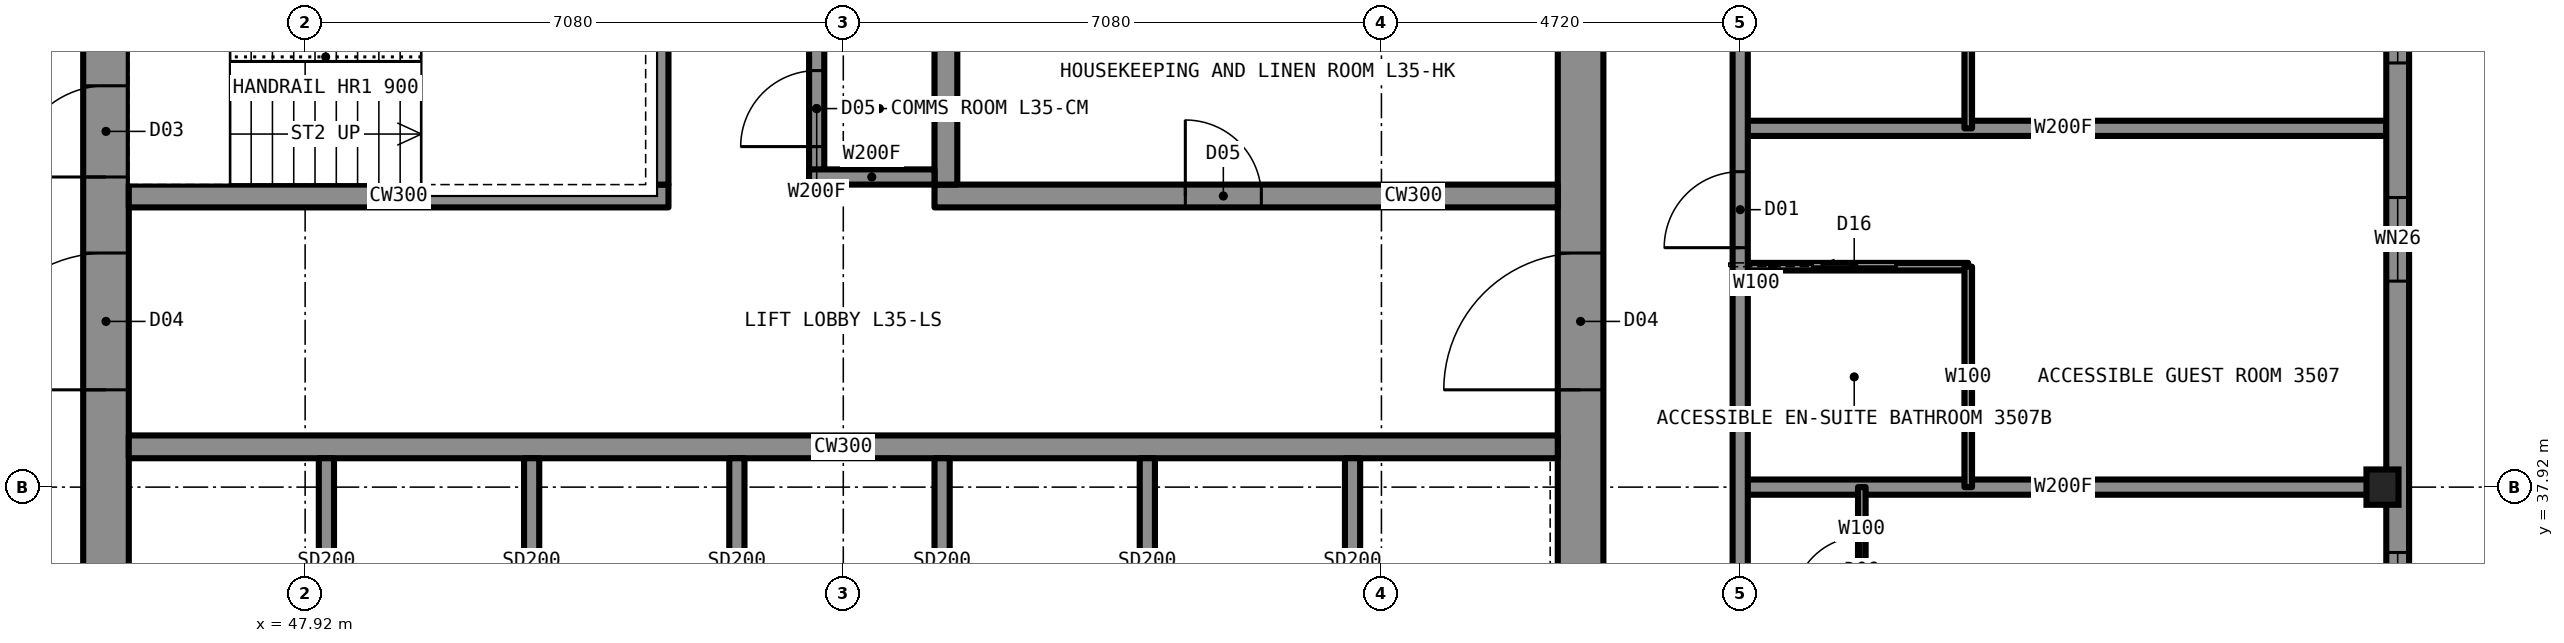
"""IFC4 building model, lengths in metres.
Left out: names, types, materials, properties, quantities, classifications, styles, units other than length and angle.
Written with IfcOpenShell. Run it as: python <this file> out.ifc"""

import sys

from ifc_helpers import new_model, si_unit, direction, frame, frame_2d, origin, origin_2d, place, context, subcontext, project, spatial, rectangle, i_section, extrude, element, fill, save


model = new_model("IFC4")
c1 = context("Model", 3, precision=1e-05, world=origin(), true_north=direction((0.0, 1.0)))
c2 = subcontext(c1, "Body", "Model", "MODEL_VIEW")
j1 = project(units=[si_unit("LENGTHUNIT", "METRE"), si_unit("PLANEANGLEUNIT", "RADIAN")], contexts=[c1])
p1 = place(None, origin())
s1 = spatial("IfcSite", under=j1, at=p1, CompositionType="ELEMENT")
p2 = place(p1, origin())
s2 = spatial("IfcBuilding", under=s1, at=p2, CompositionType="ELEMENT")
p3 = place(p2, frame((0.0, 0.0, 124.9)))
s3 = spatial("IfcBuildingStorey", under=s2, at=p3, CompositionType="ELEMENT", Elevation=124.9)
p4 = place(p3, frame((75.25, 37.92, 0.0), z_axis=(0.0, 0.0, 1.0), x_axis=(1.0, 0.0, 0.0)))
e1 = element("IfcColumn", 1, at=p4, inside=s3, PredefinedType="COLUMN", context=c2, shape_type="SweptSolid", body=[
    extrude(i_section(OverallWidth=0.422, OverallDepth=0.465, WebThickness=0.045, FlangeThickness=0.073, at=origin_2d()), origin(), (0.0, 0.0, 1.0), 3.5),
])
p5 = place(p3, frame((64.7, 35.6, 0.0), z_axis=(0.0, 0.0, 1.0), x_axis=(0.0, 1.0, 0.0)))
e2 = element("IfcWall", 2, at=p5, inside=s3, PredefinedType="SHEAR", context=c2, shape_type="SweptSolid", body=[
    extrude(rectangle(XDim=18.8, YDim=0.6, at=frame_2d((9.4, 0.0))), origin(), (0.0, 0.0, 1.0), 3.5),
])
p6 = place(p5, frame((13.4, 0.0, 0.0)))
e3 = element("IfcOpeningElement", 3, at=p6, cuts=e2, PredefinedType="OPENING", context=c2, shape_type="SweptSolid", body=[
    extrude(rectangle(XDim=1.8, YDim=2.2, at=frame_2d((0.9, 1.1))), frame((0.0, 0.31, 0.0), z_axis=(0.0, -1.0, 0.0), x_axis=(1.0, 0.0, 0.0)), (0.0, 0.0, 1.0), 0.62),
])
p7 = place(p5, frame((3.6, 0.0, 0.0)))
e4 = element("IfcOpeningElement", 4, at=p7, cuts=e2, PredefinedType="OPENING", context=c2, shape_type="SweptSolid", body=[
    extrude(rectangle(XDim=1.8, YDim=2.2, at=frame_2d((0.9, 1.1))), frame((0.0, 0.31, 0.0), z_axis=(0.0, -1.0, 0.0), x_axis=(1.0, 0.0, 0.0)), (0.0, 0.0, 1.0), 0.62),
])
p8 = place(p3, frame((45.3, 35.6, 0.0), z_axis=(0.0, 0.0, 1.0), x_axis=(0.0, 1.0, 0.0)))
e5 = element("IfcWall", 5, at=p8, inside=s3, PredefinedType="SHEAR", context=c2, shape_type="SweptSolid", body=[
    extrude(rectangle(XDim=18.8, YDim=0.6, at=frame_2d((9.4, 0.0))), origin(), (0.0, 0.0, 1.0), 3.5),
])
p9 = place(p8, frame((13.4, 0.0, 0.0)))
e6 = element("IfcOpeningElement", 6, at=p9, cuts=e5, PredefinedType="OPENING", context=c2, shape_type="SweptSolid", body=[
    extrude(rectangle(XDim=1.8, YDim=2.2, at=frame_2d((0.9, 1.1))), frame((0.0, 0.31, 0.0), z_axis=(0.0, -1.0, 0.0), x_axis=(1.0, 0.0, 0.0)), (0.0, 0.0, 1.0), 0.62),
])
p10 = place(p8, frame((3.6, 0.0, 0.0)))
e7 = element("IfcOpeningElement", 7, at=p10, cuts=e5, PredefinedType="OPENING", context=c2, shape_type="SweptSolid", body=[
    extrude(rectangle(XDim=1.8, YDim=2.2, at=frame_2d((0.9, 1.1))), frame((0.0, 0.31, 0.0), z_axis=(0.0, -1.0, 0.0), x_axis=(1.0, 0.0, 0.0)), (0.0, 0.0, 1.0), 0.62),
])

## ACTIVITY:
Copy every record character for character. Skip the pictures.

## TASK RESULT:
"""IFC4 building model, lengths in metres.
Left out: names, types, materials, properties, quantities, classifications, styles, units other than length and angle.
Written with IfcOpenShell. Run it as: python <this file> out.ifc"""

import sys

from ifc_helpers import new_model, si_unit, direction, frame, frame_2d, origin, origin_2d, place, context, subcontext, project, spatial, rectangle, i_section, extrude, element, fill, save


model = new_model("IFC4")
c1 = context("Model", 3, precision=1e-05, world=origin(), true_north=direction((0.0, 1.0)))
c2 = subcontext(c1, "Body", "Model", "MODEL_VIEW")
j1 = project(units=[si_unit("LENGTHUNIT", "METRE"), si_unit("PLANEANGLEUNIT", "RADIAN")], contexts=[c1])
p1 = place(None, origin())
s1 = spatial("IfcSite", under=j1, at=p1, CompositionType="ELEMENT")
p2 = place(p1, origin())
s2 = spatial("IfcBuilding", under=s1, at=p2, CompositionType="ELEMENT")
p3 = place(p2, frame((0.0, 0.0, 124.9)))
s3 = spatial("IfcBuildingStorey", under=s2, at=p3, CompositionType="ELEMENT", Elevation=124.9)
p4 = place(p3, frame((75.25, 37.92, 0.0), z_axis=(0.0, 0.0, 1.0), x_axis=(1.0, 0.0, 0.0)))
e1 = element("IfcColumn", 1, at=p4, inside=s3, PredefinedType="COLUMN", context=c2, shape_type="SweptSolid", body=[
    extrude(i_section(OverallWidth=0.422, OverallDepth=0.465, WebThickness=0.045, FlangeThickness=0.073, at=origin_2d()), origin(), (0.0, 0.0, 1.0), 3.5),
])
p5 = place(p3, frame((64.7, 35.6, 0.0), z_axis=(0.0, 0.0, 1.0), x_axis=(0.0, 1.0, 0.0)))
e2 = element("IfcWall", 2, at=p5, inside=s3, PredefinedType="SHEAR", context=c2, shape_type="SweptSolid", body=[
    extrude(rectangle(XDim=18.8, YDim=0.6, at=frame_2d((9.4, 0.0))), origin(), (0.0, 0.0, 1.0), 3.5),
])
p6 = place(p5, frame((13.4, 0.0, 0.0)))
e3 = element("IfcOpeningElement", 3, at=p6, cuts=e2, PredefinedType="OPENING", context=c2, shape_type="SweptSolid", body=[
    extrude(rectangle(XDim=1.8, YDim=2.2, at=frame_2d((0.9, 1.1))), frame((0.0, 0.31, 0.0), z_axis=(0.0, -1.0, 0.0), x_axis=(1.0, 0.0, 0.0)), (0.0, 0.0, 1.0), 0.62),
])
p7 = place(p5, frame((3.6, 0.0, 0.0)))
e4 = element("IfcOpeningElement", 4, at=p7, cuts=e2, PredefinedType="OPENING", context=c2, shape_type="SweptSolid", body=[
    extrude(rectangle(XDim=1.8, YDim=2.2, at=frame_2d((0.9, 1.1))), frame((0.0, 0.31, 0.0), z_axis=(0.0, -1.0, 0.0), x_axis=(1.0, 0.0, 0.0)), (0.0, 0.0, 1.0), 0.62),
])
p8 = place(p3, frame((45.3, 35.6, 0.0), z_axis=(0.0, 0.0, 1.0), x_axis=(0.0, 1.0, 0.0)))
e5 = element("IfcWall", 5, at=p8, inside=s3, PredefinedType="SHEAR", context=c2, shape_type="SweptSolid", body=[
    extrude(rectangle(XDim=18.8, YDim=0.6, at=frame_2d((9.4, 0.0))), origin(), (0.0, 0.0, 1.0), 3.5),
])
p9 = place(p8, frame((13.4, 0.0, 0.0)))
e6 = element("IfcOpeningElement", 6, at=p9, cuts=e5, PredefinedType="OPENING", context=c2, shape_type="SweptSolid", body=[
    extrude(rectangle(XDim=1.8, YDim=2.2, at=frame_2d((0.9, 1.1))), frame((0.0, 0.31, 0.0), z_axis=(0.0, -1.0, 0.0), x_axis=(1.0, 0.0, 0.0)), (0.0, 0.0, 1.0), 0.62),
])
p10 = place(p8, frame((3.6, 0.0, 0.0)))
e7 = element("IfcOpeningElement", 7, at=p10, cuts=e5, PredefinedType="OPENING", context=c2, shape_type="SweptSolid", body=[
    extrude(rectangle(XDim=1.8, YDim=2.2, at=frame_2d((0.9, 1.1))), frame((0.0, 0.31, 0.0), z_axis=(0.0, -1.0, 0.0), x_axis=(1.0, 0.0, 0.0)), (0.0, 0.0, 1.0), 0.62),
])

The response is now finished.